■ **THE TASK**: Repeat the data exactly, please; no pictures belong in the copy.

■ **DATA PROVIDED**:
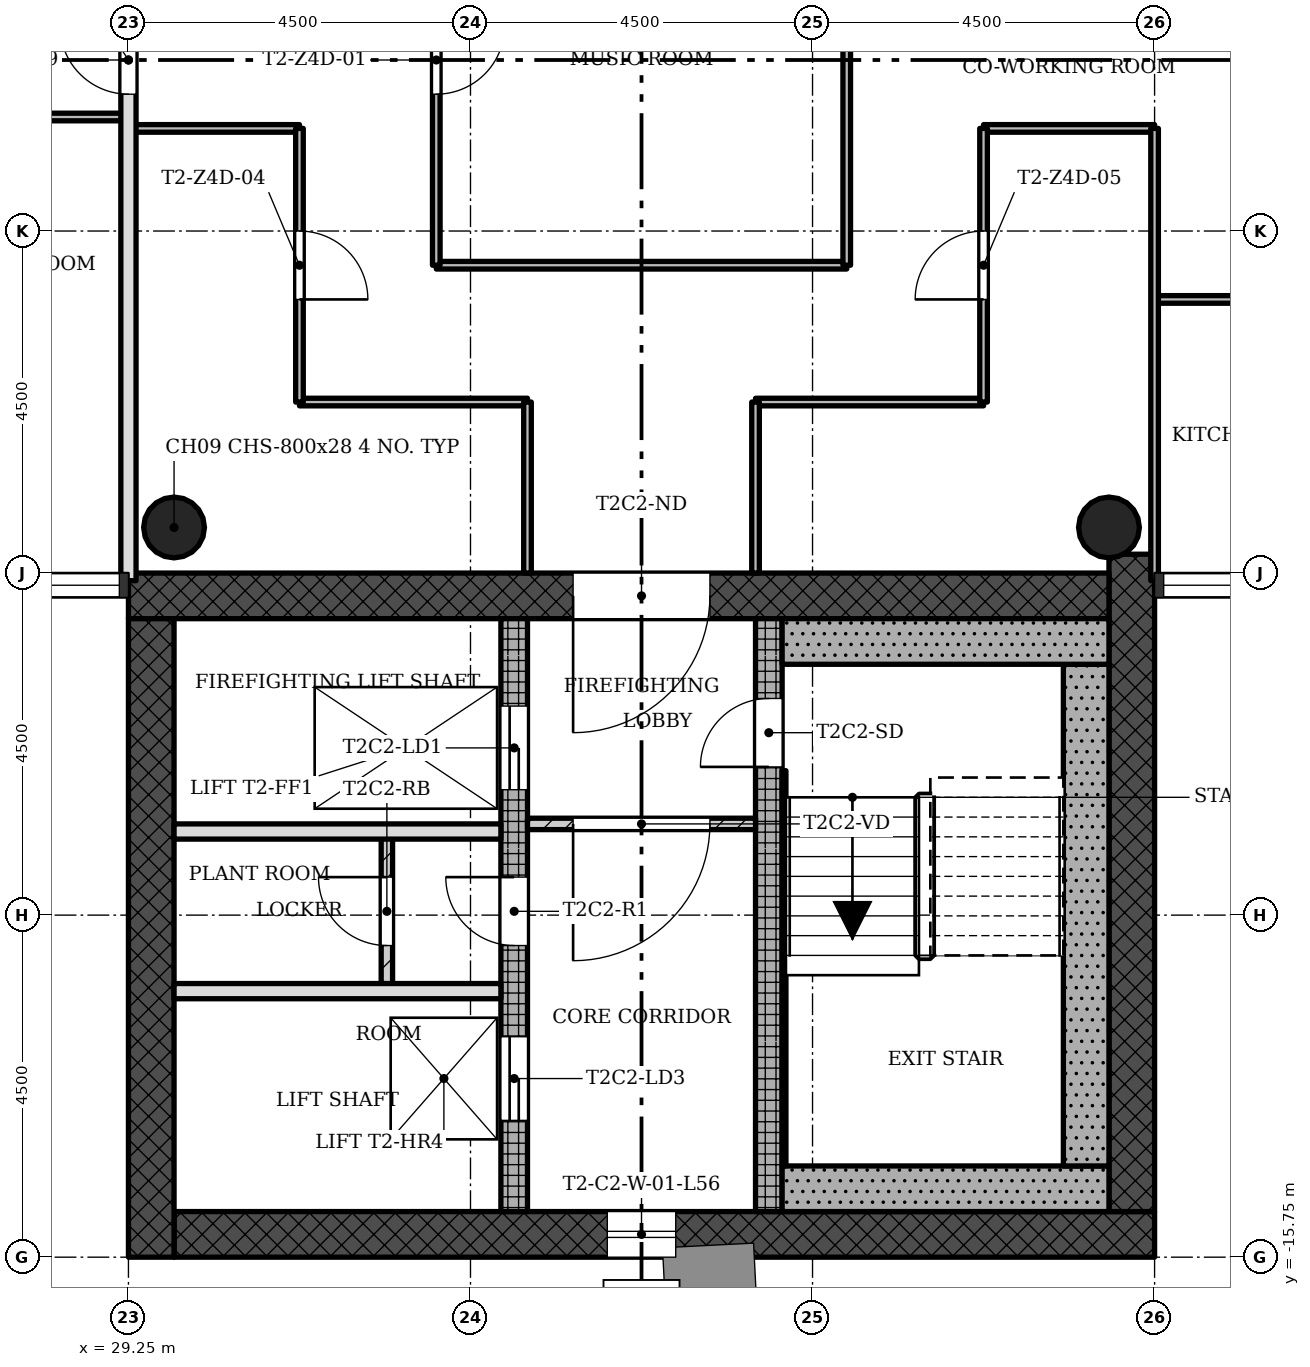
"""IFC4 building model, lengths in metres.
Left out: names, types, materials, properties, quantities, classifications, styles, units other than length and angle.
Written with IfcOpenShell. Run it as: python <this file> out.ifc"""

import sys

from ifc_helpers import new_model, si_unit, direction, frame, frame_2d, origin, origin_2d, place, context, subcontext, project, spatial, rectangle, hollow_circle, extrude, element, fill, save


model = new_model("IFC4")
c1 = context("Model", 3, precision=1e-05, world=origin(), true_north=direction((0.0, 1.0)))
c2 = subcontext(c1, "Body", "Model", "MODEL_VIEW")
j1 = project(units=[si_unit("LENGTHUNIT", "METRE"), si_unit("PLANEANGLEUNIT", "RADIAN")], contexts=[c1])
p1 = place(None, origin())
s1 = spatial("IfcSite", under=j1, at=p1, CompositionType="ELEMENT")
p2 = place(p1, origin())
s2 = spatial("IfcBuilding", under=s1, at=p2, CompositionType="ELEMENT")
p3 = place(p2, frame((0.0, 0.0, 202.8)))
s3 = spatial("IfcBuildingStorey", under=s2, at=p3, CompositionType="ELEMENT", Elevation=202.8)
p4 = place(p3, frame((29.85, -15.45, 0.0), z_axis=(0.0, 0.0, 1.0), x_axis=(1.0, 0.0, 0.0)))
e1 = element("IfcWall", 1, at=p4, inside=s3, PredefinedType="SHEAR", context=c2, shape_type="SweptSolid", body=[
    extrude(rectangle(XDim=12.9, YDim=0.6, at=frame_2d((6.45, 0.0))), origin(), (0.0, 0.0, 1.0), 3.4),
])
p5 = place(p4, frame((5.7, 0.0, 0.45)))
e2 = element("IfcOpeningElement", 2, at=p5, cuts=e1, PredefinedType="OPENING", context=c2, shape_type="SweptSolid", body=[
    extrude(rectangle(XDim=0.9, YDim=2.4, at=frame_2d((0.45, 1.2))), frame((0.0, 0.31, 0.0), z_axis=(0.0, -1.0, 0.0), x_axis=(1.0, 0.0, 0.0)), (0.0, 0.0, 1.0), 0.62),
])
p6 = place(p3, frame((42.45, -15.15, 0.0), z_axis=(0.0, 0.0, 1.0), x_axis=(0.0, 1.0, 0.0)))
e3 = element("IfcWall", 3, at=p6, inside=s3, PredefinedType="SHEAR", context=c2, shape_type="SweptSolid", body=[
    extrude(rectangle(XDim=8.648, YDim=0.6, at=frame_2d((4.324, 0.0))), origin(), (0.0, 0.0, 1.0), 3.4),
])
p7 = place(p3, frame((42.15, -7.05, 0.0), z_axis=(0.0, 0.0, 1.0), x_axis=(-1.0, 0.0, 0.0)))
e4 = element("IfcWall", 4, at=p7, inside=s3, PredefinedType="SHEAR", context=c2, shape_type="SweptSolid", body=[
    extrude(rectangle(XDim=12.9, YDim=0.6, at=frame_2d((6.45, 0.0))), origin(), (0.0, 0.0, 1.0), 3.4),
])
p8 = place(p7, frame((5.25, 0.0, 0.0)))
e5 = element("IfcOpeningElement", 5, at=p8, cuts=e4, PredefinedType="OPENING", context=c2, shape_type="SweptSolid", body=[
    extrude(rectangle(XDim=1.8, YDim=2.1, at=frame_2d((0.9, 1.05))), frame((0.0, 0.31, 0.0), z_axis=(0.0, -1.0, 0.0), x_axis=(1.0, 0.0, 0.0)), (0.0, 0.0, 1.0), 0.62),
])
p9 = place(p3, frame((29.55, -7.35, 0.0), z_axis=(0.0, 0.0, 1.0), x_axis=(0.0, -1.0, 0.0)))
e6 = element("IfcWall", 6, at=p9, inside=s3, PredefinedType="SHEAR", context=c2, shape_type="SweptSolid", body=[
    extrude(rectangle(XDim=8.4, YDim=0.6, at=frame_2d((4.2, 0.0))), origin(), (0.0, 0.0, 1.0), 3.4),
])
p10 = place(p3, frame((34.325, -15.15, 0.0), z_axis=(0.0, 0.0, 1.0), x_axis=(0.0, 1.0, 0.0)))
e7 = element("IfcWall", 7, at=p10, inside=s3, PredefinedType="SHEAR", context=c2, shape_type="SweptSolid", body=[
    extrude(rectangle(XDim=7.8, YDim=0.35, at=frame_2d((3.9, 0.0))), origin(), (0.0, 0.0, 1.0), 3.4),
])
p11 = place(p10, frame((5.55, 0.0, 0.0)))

■ **EXPECTED ANSWER**:
"""IFC4 building model, lengths in metres.
Left out: names, types, materials, properties, quantities, classifications, styles, units other than length and angle.
Written with IfcOpenShell. Run it as: python <this file> out.ifc"""

import sys

from ifc_helpers import new_model, si_unit, direction, frame, frame_2d, origin, origin_2d, place, context, subcontext, project, spatial, rectangle, hollow_circle, extrude, element, fill, save


model = new_model("IFC4")
c1 = context("Model", 3, precision=1e-05, world=origin(), true_north=direction((0.0, 1.0)))
c2 = subcontext(c1, "Body", "Model", "MODEL_VIEW")
j1 = project(units=[si_unit("LENGTHUNIT", "METRE"), si_unit("PLANEANGLEUNIT", "RADIAN")], contexts=[c1])
p1 = place(None, origin())
s1 = spatial("IfcSite", under=j1, at=p1, CompositionType="ELEMENT")
p2 = place(p1, origin())
s2 = spatial("IfcBuilding", under=s1, at=p2, CompositionType="ELEMENT")
p3 = place(p2, frame((0.0, 0.0, 202.8)))
s3 = spatial("IfcBuildingStorey", under=s2, at=p3, CompositionType="ELEMENT", Elevation=202.8)
p4 = place(p3, frame((29.85, -15.45, 0.0), z_axis=(0.0, 0.0, 1.0), x_axis=(1.0, 0.0, 0.0)))
e1 = element("IfcWall", 1, at=p4, inside=s3, PredefinedType="SHEAR", context=c2, shape_type="SweptSolid", body=[
    extrude(rectangle(XDim=12.9, YDim=0.6, at=frame_2d((6.45, 0.0))), origin(), (0.0, 0.0, 1.0), 3.4),
])
p5 = place(p4, frame((5.7, 0.0, 0.45)))
e2 = element("IfcOpeningElement", 2, at=p5, cuts=e1, PredefinedType="OPENING", context=c2, shape_type="SweptSolid", body=[
    extrude(rectangle(XDim=0.9, YDim=2.4, at=frame_2d((0.45, 1.2))), frame((0.0, 0.31, 0.0), z_axis=(0.0, -1.0, 0.0), x_axis=(1.0, 0.0, 0.0)), (0.0, 0.0, 1.0), 0.62),
])
p6 = place(p3, frame((42.45, -15.15, 0.0), z_axis=(0.0, 0.0, 1.0), x_axis=(0.0, 1.0, 0.0)))
e3 = element("IfcWall", 3, at=p6, inside=s3, PredefinedType="SHEAR", context=c2, shape_type="SweptSolid", body=[
    extrude(rectangle(XDim=8.648, YDim=0.6, at=frame_2d((4.324, 0.0))), origin(), (0.0, 0.0, 1.0), 3.4),
])
p7 = place(p3, frame((42.15, -7.05, 0.0), z_axis=(0.0, 0.0, 1.0), x_axis=(-1.0, 0.0, 0.0)))
e4 = element("IfcWall", 4, at=p7, inside=s3, PredefinedType="SHEAR", context=c2, shape_type="SweptSolid", body=[
    extrude(rectangle(XDim=12.9, YDim=0.6, at=frame_2d((6.45, 0.0))), origin(), (0.0, 0.0, 1.0), 3.4),
])
p8 = place(p7, frame((5.25, 0.0, 0.0)))
e5 = element("IfcOpeningElement", 5, at=p8, cuts=e4, PredefinedType="OPENING", context=c2, shape_type="SweptSolid", body=[
    extrude(rectangle(XDim=1.8, YDim=2.1, at=frame_2d((0.9, 1.05))), frame((0.0, 0.31, 0.0), z_axis=(0.0, -1.0, 0.0), x_axis=(1.0, 0.0, 0.0)), (0.0, 0.0, 1.0), 0.62),
])
p9 = place(p3, frame((29.55, -7.35, 0.0), z_axis=(0.0, 0.0, 1.0), x_axis=(0.0, -1.0, 0.0)))
e6 = element("IfcWall", 6, at=p9, inside=s3, PredefinedType="SHEAR", context=c2, shape_type="SweptSolid", body=[
    extrude(rectangle(XDim=8.4, YDim=0.6, at=frame_2d((4.2, 0.0))), origin(), (0.0, 0.0, 1.0), 3.4),
])
p10 = place(p3, frame((34.325, -15.15, 0.0), z_axis=(0.0, 0.0, 1.0), x_axis=(0.0, 1.0, 0.0)))
e7 = element("IfcWall", 7, at=p10, inside=s3, PredefinedType="SHEAR", context=c2, shape_type="SweptSolid", body=[
    extrude(rectangle(XDim=7.8, YDim=0.35, at=frame_2d((3.9, 0.0))), origin(), (0.0, 0.0, 1.0), 3.4),
])
p11 = place(p10, frame((5.55, 0.0, 0.0)))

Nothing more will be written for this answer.